*** Data shown ***

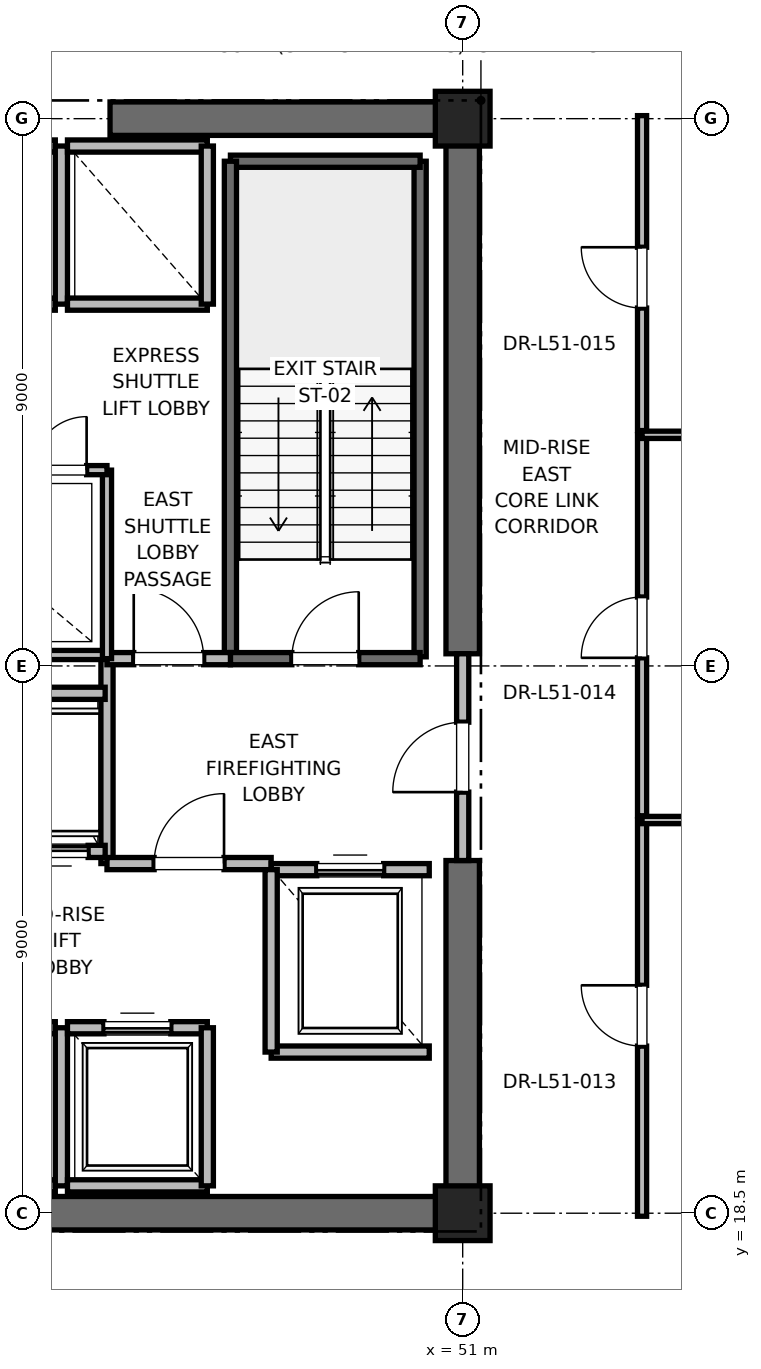
"""IFC4 building model, lengths in metres.
Left out: names, types, materials, properties, quantities, classifications, styles, units other than length and angle.
Written with IfcOpenShell. Run it as: python <this file> out.ifc"""

import sys

from ifc_helpers import new_model, si_unit, direction, frame, frame_2d, origin, origin_2d, place, context, subcontext, project, spatial, rectangle, extrude, element, fill, save


model = new_model("IFC4")
c1 = context("Model", 3, precision=1e-05, world=origin(), true_north=direction((0.0, 1.0)))
c2 = subcontext(c1, "Body", "Model", "MODEL_VIEW")
j1 = project(units=[si_unit("LENGTHUNIT", "METRE"), si_unit("PLANEANGLEUNIT", "RADIAN")], contexts=[c1])
p1 = place(None, origin())
s1 = spatial("IfcSite", under=j1, at=p1, CompositionType="ELEMENT")
p2 = place(p1, origin())
s2 = spatial("IfcBuilding", under=s1, at=p2, CompositionType="ELEMENT")
p3 = place(p2, frame((0.0, 0.0, 221.2)))
s3 = spatial("IfcBuildingStorey", under=s2, at=p3, CompositionType="ELEMENT", Elevation=221.2)
for number, where, z_axis, x_axis in (
    (1, (51.0, 18.5, 0.0), (0.0, 0.0, 1.0), (1.0, 0.0, 0.0)),
    (2, (51.0, 36.5, 0.0), (0.0, 0.0, 1.0), (1.0, 0.0, 0.0)),
):
    element("IfcColumn", number, at=place(p3, frame(where, z_axis=z_axis, x_axis=x_axis)), inside=s3, PredefinedType="PILASTER", context=c2, shape_type="SweptSolid", body=[
        extrude(rectangle(XDim=0.9, YDim=0.9, at=origin_2d()), origin(), (0.0, 0.0, 1.0), 4.0),
    ])
p4 = place(p3, frame((41.8, 18.5, 0.0), z_axis=(0.0, 0.0, 1.0), x_axis=(1.0, 0.0, 0.0)))
e3 = element("IfcWall", 3, at=p4, inside=s3, PredefinedType="SHEAR", context=c2, shape_type="SweptSolid", body=[
    extrude(rectangle(XDim=9.2, YDim=0.55, at=frame_2d((4.6, 0.0))), origin(), (0.0, 0.0, 1.0), 3.775),
])
for number, where, z_axis, x_axis in (
    (4, (45.2, 36.5, 0.0), (0.0, 0.0, 1.0), (1.0, 0.0, 0.0)),
    (5, (51.0, 18.5, 0.0), (0.0, 0.0, 1.0), (0.0, 1.0, 0.0)),
):
    element("IfcWall", number, at=place(p3, frame(where, z_axis=z_axis, x_axis=x_axis)), inside=s3, PredefinedType="SHEAR", context=c2, shape_type="SweptSolid", body=[
        extrude(rectangle(XDim=5.8, YDim=0.55, at=frame_2d((2.9, 0.0))), origin(), (0.0, 0.0, 1.0), 3.775),
    ])
p5 = place(p3, frame((51.0, 27.7, 0.0), z_axis=(0.0, 0.0, 1.0), x_axis=(0.0, 1.0, 0.0)))
e6 = element("IfcWall", 6, at=p5, inside=s3, PredefinedType="SHEAR", context=c2, shape_type="SweptSolid", body=[
    extrude(rectangle(XDim=8.8, YDim=0.55, at=frame_2d((4.4, 0.0))), origin(), (0.0, 0.0, 1.0), 3.775),
])
p6 = place(p3, frame((50.3, 27.65, 0.0), z_axis=(0.0, 0.0, 1.0), x_axis=(0.0, 1.0, 0.0)))
e7 = element("IfcWall", 7, at=p6, inside=s3, PredefinedType="SOLIDWALL", context=c2, shape_type="SweptSolid", body=[
    extrude(rectangle(XDim=8.15, YDim=0.2, at=frame_2d((4.075, 0.0))), origin(), (0.0, 0.0, 1.0), 3.775),
])
p7 = place(p3, frame((47.18, 35.8, 0.0), z_axis=(0.0, 0.0, 1.0), x_axis=(1.0, 0.0, 0.0)))
e8 = element("IfcWall", 8, at=p7, inside=s3, PredefinedType="SOLIDWALL", context=c2, shape_type="SweptSolid", body=[
    extrude(rectangle(XDim=3.12, YDim=0.2, at=frame_2d((1.56, 0.0))), origin(), (0.0, 0.0, 1.0), 3.775),
])
p8 = place(p3, frame((47.18, 27.62, 0.0), z_axis=(0.0, 0.0, 1.0), x_axis=(0.0, 1.0, 0.0)))
e9 = element("IfcWall", 9, at=p8, inside=s3, PredefinedType="SOLIDWALL", context=c2, shape_type="SweptSolid", body=[
    extrude(rectangle(XDim=8.18, YDim=0.2, at=frame_2d((4.09, 0.0))), origin(), (0.0, 0.0, 1.0), 3.775),
])
p9 = place(p3, frame((47.18, 27.62, 0.0), z_axis=(0.0, 0.0, 1.0), x_axis=(1.0, 0.0, 0.0)))
e10 = element("IfcWall", 10, at=p9, inside=s3, PredefinedType="SOLIDWALL", context=c2, shape_type="SweptSolid", body=[
    extrude(rectangle(XDim=3.12, YDim=0.2, at=frame_2d((1.56, 0.0))), origin(), (0.0, 0.0, 1.0), 3.775),
])
p10 = place(p9, frame((1.01, 0.0, 0.0)))
e11 = element("IfcOpeningElement", 11, at=p10, cuts=e10, PredefinedType="OPENING", context=c2, shape_type="SweptSolid", body=[
    extrude(rectangle(XDim=1.1, YDim=2.15, at=frame_2d((0.55, 1.075))), frame((0.0, 0.1, 0.0), z_axis=(0.0, -1.0, 0.0), x_axis=(1.0, 0.0, 0.0)), (0.0, 0.0, 1.0), 0.2),
])
p11 = place(p3, frame((45.15, 24.25, 0.0), z_axis=(0.0, 0.0, 1.0), x_axis=(0.0, 1.0, 0.0)))
e12 = element("IfcWall", 12, at=p11, inside=s3, PredefinedType="PARTITIONING", context=c2, shape_type="SweptSolid", body=[
    extrude(rectangle(XDim=3.37, YDim=0.2, at=frame_2d((1.685, 0.0))), origin(), (0.0, 0.0, 1.0), 3.775),
])
p12 = place(p3, frame((45.15, 24.25, 0.0), z_axis=(0.0, 0.0, 1.0), x_axis=(1.0, 0.0, 0.0)))
e13 = element("IfcWall", 13, at=p12, inside=s3, PredefinedType="PARTITIONING", context=c2, shape_type="SweptSolid", body=[
    extrude(rectangle(XDim=2.7, YDim=0.2, at=frame_2d((1.35, 0.0))), origin(), (0.0, 0.0, 1.0), 3.775),
])
p13 = place(p12, frame((0.775, 0.0, 0.0)))
e14 = element("IfcOpeningElement", 14, at=p13, cuts=e13, PredefinedType="OPENING", context=c2, shape_type="SweptSolid", body=[
    extrude(rectangle(XDim=1.15, YDim=2.2, at=frame_2d((0.575, 1.1))), frame((0.0, 0.1, 0.0), z_axis=(0.0, -1.0, 0.0), x_axis=(1.0, 0.0, 0.0)), (0.0, 0.0, 1.0), 0.2),
])
p14 = place(p3, frame((45.15, 27.62, 0.0), z_axis=(0.0, 0.0, 1.0), x_axis=(1.0, 0.0, 0.0)))
e15 = element("IfcWall", 15, at=p14, inside=s3, PredefinedType="PARTITIONING", context=c2, shape_type="SweptSolid", body=[
    extrude(rectangle(XDim=2.03, YDim=0.2, at=frame_2d((1.015, 0.0))), origin(), (0.0, 0.0, 1.0), 3.775),
])
p15 = place(p14, frame((0.44, 0.0, 0.0)))
e16 = element("IfcOpeningElement", 16, at=p15, cuts=e15, PredefinedType="OPENING", context=c2, shape_type="SweptSolid", body=[
    extrude(rectangle(XDim=1.15, YDim=2.2, at=frame_2d((0.575, 1.1))), frame((0.0, 0.1, 0.0), z_axis=(0.0, -1.0, 0.0), x_axis=(1.0, 0.0, 0.0)), (0.0, 0.0, 1.0), 0.2),
])
p16 = place(p3, frame((51.0, 24.3, 0.0), z_axis=(0.0, 0.0, 1.0), x_axis=(0.0, 1.0, 0.0)))
e17 = element("IfcWall", 17, at=p16, inside=s3, PredefinedType="PARTITIONING", context=c2, shape_type="SweptSolid", body=[
    extrude(rectangle(XDim=3.4, YDim=0.2, at=frame_2d((1.7, 0.0))), origin(), (0.0, 0.0, 1.0), 2.755),
])
p17 = place(p16, frame((1.125, 0.0, 0.0)))
e18 = element("IfcOpeningElement", 18, at=p17, cuts=e17, PredefinedType="OPENING", context=c2, shape_type="SweptSolid", body=[
    extrude(rectangle(XDim=1.15, YDim=2.2, at=frame_2d((0.575, 1.1))), frame((0.0, 0.1, 0.0), z_axis=(0.0, -1.0, 0.0), x_axis=(1.0, 0.0, 0.0)), (0.0, 0.0, 1.0), 0.2),
])
p18 = place(p3, frame((47.85, 21.15, 0.0), z_axis=(0.0, 0.0, 1.0), x_axis=(1.0, 0.0, 0.0)))
e19 = element("IfcWall", 19, at=p18, inside=s3, PredefinedType="SOLIDWALL", context=c2, shape_type="SweptSolid", body=[
    extrude(rectangle(XDim=2.6, YDim=0.2, at=frame_2d((1.3, 0.0))), origin(), (0.0, 0.0, 1.0), 3.775),
])
p19 = place(p3, frame((50.45, 24.15, 0.0), z_axis=(0.0, 0.0, 1.0), x_axis=(-1.0, 0.0, 0.0)))
e20 = element("IfcWall", 20, at=p19, inside=s3, PredefinedType="SOLIDWALL", context=c2, shape_type="SweptSolid", body=[
    extrude(rectangle(XDim=2.6, YDim=0.2, at=frame_2d((1.3, 0.0))), origin(), (0.0, 0.0, 1.0), 2.755),
])
p20 = place(p19, frame((0.75, 0.0, 0.0)))
e21 = element("IfcOpeningElement", 21, at=p20, cuts=e20, PredefinedType="OPENING", context=c2, shape_type="SweptSolid", body=[
    extrude(rectangle(XDim=1.1, YDim=2.2, at=frame_2d((0.55, 1.1))), frame((0.0, 0.1, 0.0), z_axis=(0.0, -1.0, 0.0), x_axis=(1.0, 0.0, 0.0)), (0.0, 0.0, 1.0), 0.2),
])
p21 = place(p3, frame((47.85, 24.15, 0.0), z_axis=(0.0, 0.0, 1.0), x_axis=(0.0, -1.0, 0.0)))
e22 = element("IfcWall", 22, at=p21, inside=s3, PredefinedType="SOLIDWALL", context=c2, shape_type="SweptSolid", body=[
    extrude(rectangle(XDim=3.0, YDim=0.2, at=frame_2d((1.5, 0.0))), origin(), (0.0, 0.0, 1.0), 3.775),
])
p22 = place(p3, frame((42.0, 18.95, 0.0), z_axis=(0.0, 0.0, 1.0), x_axis=(1.0, 0.0, 0.0)))
e23 = element("IfcWall", 23, at=p22, inside=s3, PredefinedType="SOLIDWALL", context=c2, shape_type="SweptSolid", body=[
    extrude(rectangle(XDim=2.3, YDim=0.2, at=frame_2d((1.15, 0.0))), origin(), (0.0, 0.0, 1.0), 2.755),
])
p23 = place(p3, frame((44.3, 21.55, 0.0), z_axis=(0.0, 0.0, 1.0), x_axis=(-1.0, 0.0, 0.0)))
e24 = element("IfcWall", 24, at=p23, inside=s3, PredefinedType="SOLIDWALL", context=c2, shape_type="SweptSolid", body=[
    extrude(rectangle(XDim=2.3, YDim=0.2, at=frame_2d((1.15, 0.0))), origin(), (0.0, 0.0, 1.0), 3.775),
])
p24 = place(p23, frame((0.6, 0.0, 0.0)))
e25 = element("IfcOpeningElement", 25, at=p24, cuts=e24, PredefinedType="OPENING", context=c2, shape_type="SweptSolid", body=[
    extrude(rectangle(XDim=1.1, YDim=2.2, at=frame_2d((0.55, 1.1))), frame((0.0, 0.1, 0.0), z_axis=(0.0, -1.0, 0.0), x_axis=(1.0, 0.0, 0.0)), (0.0, 0.0, 1.0), 0.2),
])
p25 = place(p3, frame((44.4, 18.95, 0.0), z_axis=(0.0, 0.0, 1.0), x_axis=(0.0, 1.0, 0.0)))
e26 = element("IfcWall", 26, at=p25, inside=s3, PredefinedType="SOLIDWALL", context=c2, shape_type="SweptSolid", body=[
    extrude(rectangle(XDim=2.6, YDim=0.2, at=frame_2d((1.3, 0.0))), origin(), (0.0, 0.0, 1.0), 3.775),
])
p26 = place(p3, frame((44.5, 18.95, 0.0), z_axis=(0.0, 0.0, 1.0), x_axis=(1.0, 0.0, 0.0)))
e27 = element("IfcWall", 27, at=p26, inside=s3, PredefinedType="SOLIDWALL", context=c2, shape_type="SweptSolid", body=[
    extrude(rectangle(XDim=2.3, YDim=0.2, at=frame_2d((1.15, 0.0))), origin(), (0.0, 0.0, 1.0), 3.775),
])
p27 = place(p3, frame((46.8, 21.55, 0.0), z_axis=(0.0, 0.0, 1.0), x_axis=(-1.0, 0.0, 0.0)))
e28 = element("IfcWall", 28, at=p27, inside=s3, PredefinedType="SOLIDWALL", context=c2, shape_type="SweptSolid", body=[
    extrude(rectangle(XDim=2.3, YDim=0.2, at=frame_2d((1.15, 0.0))), origin(), (0.0, 0.0, 1.0), 3.775),
])
p28 = place(p27, frame((0.6, 0.0, 0.0)))
e29 = element("IfcOpeningElement", 29, at=p28, cuts=e28, PredefinedType="OPENING", context=c2, shape_type="SweptSolid", body=[
    extrude(rectangle(XDim=1.1, YDim=2.2, at=frame_2d((0.55, 1.1))), frame((0.0, 0.1, 0.0), z_axis=(0.0, -1.0, 0.0), x_axis=(1.0, 0.0, 0.0)), (0.0, 0.0, 1.0), 0.2),
])
p29 = place(p3, frame((46.8, 18.95, 0.0), z_axis=(0.0, 0.0, 1.0), x_axis=(0.0, 1.0, 0.0)))
e30 = element("IfcWall", 30, at=p29, inside=s3, PredefinedType="SOLIDWALL", context=c2, shape_type="SweptSolid", body=[
    extrude(rectangle(XDim=2.6, YDim=0.2, at=frame_2d((1.3, 0.0))), origin(), (0.0, 0.0, 1.0), 3.775),
])
p30 = place(p3, frame((43.46, 24.45, 0.0), z_axis=(0.0, 0.0, 1.0), x_axis=(1.0, 0.0, 0.0)))
e31 = element("IfcWall", 31, at=p30, inside=s3, PredefinedType="SOLIDWALL", context=c2, shape_type="SweptSolid", body=[
    extrude(rectangle(XDim=1.66, YDim=0.2, at=frame_2d((0.83, 0.0))), origin(), (0.0, 0.0, 1.0), 3.775),
])
p31 = place(p30, frame((0.28, 0.0, 0.0)))
e32 = element("IfcOpeningElement", 32, at=p31, cuts=e31, PredefinedType="OPENING", context=c2, shape_type="SweptSolid", body=[
    extrude(rectangle(XDim=1.1, YDim=2.2, at=frame_2d((0.55, 1.1))), frame((0.0, 0.1, 0.0), z_axis=(0.0, -1.0, 0.0), x_axis=(1.0, 0.0, 0.0)), (0.0, 0.0, 1.0), 0.2),
])
p32 = place(p3, frame((45.12, 27.05, 0.0), z_axis=(0.0, 0.0, 1.0), x_axis=(-1.0, 0.0, 0.0)))
e33 = element("IfcWall", 33, at=p32, inside=s3, PredefinedType="SOLIDWALL", context=c2, shape_type="SweptSolid", body=[
    extrude(rectangle(XDim=1.66, YDim=0.2, at=frame_2d((0.83, 0.0))), origin(), (0.0, 0.0, 1.0), 3.775),
])
p33 = place(p3, frame((42.0, 33.45, 0.0), z_axis=(0.0, 0.0, 1.0), x_axis=(1.0, 0.0, 0.0)))
e34 = element("IfcWall", 34, at=p33, inside=s3, PredefinedType="SOLIDWALL", context=c2, shape_type="SweptSolid", body=[
    extrude(rectangle(XDim=2.3, YDim=0.2, at=frame_2d((1.15, 0.0))), origin(), (0.0, 0.0, 1.0), 3.775),
])
p34 = place(p3, frame((44.3, 36.05, 0.0), z_axis=(0.0, 0.0, 1.0), x_axis=(-1.0, 0.0, 0.0)))
e35 = element("IfcWall", 35, at=p34, inside=s3, PredefinedType="SOLIDWALL", context=c2, shape_type="SweptSolid", body=[
    extrude(rectangle(XDim=2.3, YDim=0.2, at=frame_2d((1.15, 0.0))), origin(), (0.0, 0.0, 1.0), 2.755),
])
p35 = place(p3, frame((44.4, 33.45, 0.0), z_axis=(0.0, 0.0, 1.0), x_axis=(0.0, 1.0, 0.0)))
e36 = element("IfcWall", 36, at=p35, inside=s3, PredefinedType="SOLIDWALL", context=c2, shape_type="SweptSolid", body=[
    extrude(rectangle(XDim=2.6, YDim=0.2, at=frame_2d((1.3, 0.0))), origin(), (0.0, 0.0, 1.0), 2.755),
])
p36 = place(p3, frame((44.5, 33.45, 0.0), z_axis=(0.0, 0.0, 1.0), x_axis=(1.0, 0.0, 0.0)))
e37 = element("IfcWall", 37, at=p36, inside=s3, PredefinedType="SOLIDWALL", context=c2, shape_type="SweptSolid", body=[
    extrude(rectangle(XDim=2.3, YDim=0.2, at=frame_2d((1.15, 0.0))), origin(), (0.0, 0.0, 1.0), 3.775),
])
p37 = place(p3, frame((46.8, 36.05, 0.0), z_axis=(0.0, 0.0, 1.0), x_axis=(-1.0, 0.0, 0.0)))
e38 = element("IfcWall", 38, at=p37, inside=s3, PredefinedType="SOLIDWALL", context=c2, shape_type="SweptSolid", body=[
    extrude(rectangle(XDim=2.3, YDim=0.2, at=frame_2d((1.15, 0.0))), origin(), (0.0, 0.0, 1.0), 2.755),
])
p38 = place(p3, frame((46.8, 33.45, 0.0), z_axis=(0.0, 0.0, 1.0), x_axis=(0.0, 1.0, 0.0)))
e39 = element("IfcWall", 39, at=p38, inside=s3, PredefinedType="SOLIDWALL", context=c2, shape_type="SweptSolid", body=[
    extrude(rectangle(XDim=2.6, YDim=0.2, at=frame_2d((1.3, 0.0))), origin(), (0.0, 0.0, 1.0), 3.775),
])
p39 = place(p3, frame((41.56, 27.68, 0.0), z_axis=(0.0, 0.0, 1.0), x_axis=(1.0, 0.0, 0.0)))
e40 = element("IfcWall", 40, at=p39, inside=s3, PredefinedType="PARTITIONING", context=c2, shape_type="SweptSolid", body=[
    extrude(rectangle(XDim=3.59, YDim=0.15, at=frame_2d((1.795, 0.0))), origin(), (0.0, 0.0, 1.0), 2.85),
])
p40 = place(p3, frame((45.15, 27.62, 0.0), z_axis=(0.0, 0.0, 1.0), x_axis=(0.0, 1.0, 0.0)))
e41 = element("IfcWall", 41, at=p40, inside=s3, PredefinedType="PARTITIONING", context=c2, shape_type="SweptSolid", body=[
    extrude(rectangle(XDim=3.1, YDim=0.15, at=frame_2d((1.55, 0.0))), origin(), (0.0, 0.0, 1.0), 2.85),
])
p41 = place(p3, frame((43.6, 30.72, 0.0), z_axis=(0.0, 0.0, 1.0), x_axis=(1.0, 0.0, 0.0)))
e42 = element("IfcWall", 42, at=p41, inside=s3, PredefinedType="PARTITIONING", context=c2, shape_type="SweptSolid", body=[
    extrude(rectangle(XDim=1.55, YDim=0.15, at=frame_2d((0.775, 0.0))), origin(), (0.0, 0.0, 1.0), 2.85),
])
p42 = place(p41, frame((0.335, 0.0, 0.0)))
e43 = element("IfcOpeningElement", 43, at=p42, cuts=e42, PredefinedType="OPENING", context=c2, shape_type="SweptSolid", body=[
    extrude(rectangle(XDim=0.88, YDim=2.1, at=frame_2d((0.44, 1.05))), frame((0.0, 0.075, 0.0), z_axis=(0.0, -1.0, 0.0), x_axis=(1.0, 0.0, 0.0)), (0.0, 0.0, 1.0), 0.15),
])
p43 = place(p3, frame((53.95, 18.45, 0.0), z_axis=(0.0, 0.0, 1.0), x_axis=(0.0, 1.0, 0.0)))
e44 = element("IfcWall", 44, at=p43, inside=s3, PredefinedType="PARTITIONING", context=c2, shape_type="SweptSolid", body=[
    extrude(rectangle(XDim=6.516, YDim=0.15, at=frame_2d((3.258, 0.0))), origin(), (0.0, 0.0, 1.0), 2.85),
])
p44 = place(p43, frame((2.798, 0.0, 0.0)))
e45 = element("IfcOpeningElement", 45, at=p44, cuts=e44, PredefinedType="OPENING", context=c2, shape_type="SweptSolid", body=[
    extrude(rectangle(XDim=1.0, YDim=2.15, at=frame_2d((0.5, 1.075))), frame((0.0, 0.075, 0.0), z_axis=(0.0, -1.0, 0.0), x_axis=(1.0, 0.0, 0.0)), (0.0, 0.0, 1.0), 0.15),
])
p45 = place(p3, frame((53.95, 24.966, 0.0), z_axis=(0.0, 0.0, 1.0), x_axis=(1.0, 0.0, 0.0)))
e46 = element("IfcWall", 46, at=p45, inside=s3, PredefinedType="PARTITIONING", context=c2, shape_type="SweptSolid", body=[
    extrude(rectangle(XDim=11.581, YDim=0.12, at=frame_2d((5.791, 0.0))), origin(), (0.0, 0.0, 1.0), 2.85),
])
p46 = place(p3, frame((53.95, 25.036, 0.0), z_axis=(0.0, 0.0, 1.0), x_axis=(0.0, 1.0, 0.0)))
e47 = element("IfcWall", 47, at=p46, inside=s3, PredefinedType="PARTITIONING", context=c2, shape_type="SweptSolid", body=[
    extrude(rectangle(XDim=6.265, YDim=0.15, at=frame_2d((3.133, 0.0))), origin(), (0.0, 0.0, 1.0), 2.85),
])
p47 = place(p46, frame((2.597, 0.0, 0.0)))
e48 = element("IfcOpeningElement", 48, at=p47, cuts=e47, PredefinedType="OPENING", context=c2, shape_type="SweptSolid", body=[
    extrude(rectangle(XDim=1.0, YDim=2.15, at=frame_2d((0.5, 1.075))), frame((0.0, 0.075, 0.0), z_axis=(0.0, -1.0, 0.0), x_axis=(1.0, 0.0, 0.0)), (0.0, 0.0, 1.0), 0.15),
])
p48 = place(p3, frame((53.95, 31.301, 0.0), z_axis=(0.0, 0.0, 1.0), x_axis=(1.0, 0.0, 0.0)))
e49 = element("IfcWall", 49, at=p48, inside=s3, PredefinedType="PARTITIONING", context=c2, shape_type="SweptSolid", body=[
    extrude(rectangle(XDim=11.581, YDim=0.12, at=frame_2d((5.791, 0.0))), origin(), (0.0, 0.0, 1.0), 2.85),
])
p49 = place(p3, frame((53.95, 31.371, 0.0), z_axis=(0.0, 0.0, 1.0), x_axis=(0.0, 1.0, 0.0)))
e50 = element("IfcWall", 50, at=p49, inside=s3, PredefinedType="PARTITIONING", context=c2, shape_type="SweptSolid", body=[
    extrude(rectangle(XDim=5.179, YDim=0.15, at=frame_2d((2.589, 0.0))), origin(), (0.0, 0.0, 1.0), 2.85),
])
p50 = place(p49, frame((2.014, 0.0, 0.0)))
e51 = element("IfcOpeningElement", 51, at=p50, cuts=e50, PredefinedType="OPENING", context=c2, shape_type="SweptSolid", body=[
    extrude(rectangle(XDim=1.0, YDim=2.15, at=frame_2d((0.5, 1.075))), frame((0.0, 0.075, 0.0), z_axis=(0.0, -1.0, 0.0), x_axis=(1.0, 0.0, 0.0)), (0.0, 0.0, 1.0), 0.15),
])
p51 = place(p10, origin())
e52 = element("IfcDoor", 52, at=p51, inside=s3, OperationType="SINGLE_SWING_RIGHT", PredefinedType="DOOR", context=c2, shape_type="SweptSolid", body=[
    extrude(rectangle(XDim=1.1, YDim=2.15, at=frame_2d((0.55, 1.075))), frame((0.0, 0.025, 0.0), z_axis=(0.0, -1.0, 0.0), x_axis=(1.0, 0.0, 0.0)), (0.0, 0.0, 1.0), 0.05),
])
fill(e11, e52)
p52 = place(p13, origin())
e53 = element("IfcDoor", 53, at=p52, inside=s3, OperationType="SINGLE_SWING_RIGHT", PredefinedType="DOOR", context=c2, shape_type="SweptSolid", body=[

*** End of Data shown ***

= Exercise directions =
Copy all lines of the records in which the string "number" can be found.

= Task solution =
for number, where, z_axis, x_axis in (
    element("IfcColumn", number, at=place(p3, frame(where, z_axis=z_axis, x_axis=x_axis)), inside=s3, PredefinedType="PILASTER", context=c2, shape_type="SweptSolid", body=[
for number, where, z_axis, x_axis in (
    element("IfcWall", number, at=place(p3, frame(where, z_axis=z_axis, x_axis=x_axis)), inside=s3, PredefinedType="SHEAR", context=c2, shape_type="SweptSolid", body=[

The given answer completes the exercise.